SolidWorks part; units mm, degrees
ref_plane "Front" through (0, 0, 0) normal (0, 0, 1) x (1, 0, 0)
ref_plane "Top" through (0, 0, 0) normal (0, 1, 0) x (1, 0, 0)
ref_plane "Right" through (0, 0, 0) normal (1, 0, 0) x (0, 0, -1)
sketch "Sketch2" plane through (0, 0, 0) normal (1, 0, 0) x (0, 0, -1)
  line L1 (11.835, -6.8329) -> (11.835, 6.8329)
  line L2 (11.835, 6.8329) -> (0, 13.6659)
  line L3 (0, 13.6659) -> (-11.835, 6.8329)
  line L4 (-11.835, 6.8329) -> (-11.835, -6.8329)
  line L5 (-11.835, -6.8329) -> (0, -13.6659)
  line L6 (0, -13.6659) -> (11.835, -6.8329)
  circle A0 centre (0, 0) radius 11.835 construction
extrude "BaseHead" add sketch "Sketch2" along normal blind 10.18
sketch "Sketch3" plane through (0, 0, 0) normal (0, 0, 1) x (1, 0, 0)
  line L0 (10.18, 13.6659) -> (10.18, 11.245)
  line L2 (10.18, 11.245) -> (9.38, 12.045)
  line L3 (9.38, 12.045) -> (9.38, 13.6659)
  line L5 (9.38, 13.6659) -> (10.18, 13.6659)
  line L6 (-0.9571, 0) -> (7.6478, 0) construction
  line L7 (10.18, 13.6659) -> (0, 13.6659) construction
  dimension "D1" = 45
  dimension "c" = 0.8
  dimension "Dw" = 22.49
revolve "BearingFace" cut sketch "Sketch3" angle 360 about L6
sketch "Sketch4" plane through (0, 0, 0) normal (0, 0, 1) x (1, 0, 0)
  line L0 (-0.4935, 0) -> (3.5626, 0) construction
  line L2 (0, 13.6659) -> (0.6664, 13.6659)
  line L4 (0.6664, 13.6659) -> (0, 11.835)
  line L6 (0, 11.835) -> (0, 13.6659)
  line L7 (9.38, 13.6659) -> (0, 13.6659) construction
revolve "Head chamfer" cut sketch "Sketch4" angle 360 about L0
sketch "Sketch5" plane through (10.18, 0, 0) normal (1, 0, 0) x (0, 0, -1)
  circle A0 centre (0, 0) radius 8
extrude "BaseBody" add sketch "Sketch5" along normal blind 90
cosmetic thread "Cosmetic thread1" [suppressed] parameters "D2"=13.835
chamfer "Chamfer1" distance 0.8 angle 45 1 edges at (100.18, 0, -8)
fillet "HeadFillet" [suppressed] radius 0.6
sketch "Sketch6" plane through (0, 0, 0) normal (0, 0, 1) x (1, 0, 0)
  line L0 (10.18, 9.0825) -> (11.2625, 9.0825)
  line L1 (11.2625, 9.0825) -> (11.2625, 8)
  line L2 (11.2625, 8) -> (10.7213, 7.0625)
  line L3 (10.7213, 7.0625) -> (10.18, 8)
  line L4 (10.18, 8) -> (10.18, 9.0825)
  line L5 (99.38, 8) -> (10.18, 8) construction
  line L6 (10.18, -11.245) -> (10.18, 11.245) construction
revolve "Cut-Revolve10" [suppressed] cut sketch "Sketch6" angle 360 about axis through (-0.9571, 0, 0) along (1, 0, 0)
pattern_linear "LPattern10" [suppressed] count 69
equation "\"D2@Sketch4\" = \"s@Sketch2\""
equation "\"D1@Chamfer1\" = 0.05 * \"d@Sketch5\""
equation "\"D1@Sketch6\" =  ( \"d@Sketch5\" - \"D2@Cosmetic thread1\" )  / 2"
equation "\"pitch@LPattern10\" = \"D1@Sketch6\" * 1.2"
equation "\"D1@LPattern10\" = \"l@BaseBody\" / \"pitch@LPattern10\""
=-=-=-=-=
*EXERCISE DESCRIPTION*. Your answer should consist of every line from the entries that holds "blind".

*RESPONSE*.
extrude "BaseHead" add sketch "Sketch2" along normal blind 10.18
extrude "BaseBody" add sketch "Sketch5" along normal blind 90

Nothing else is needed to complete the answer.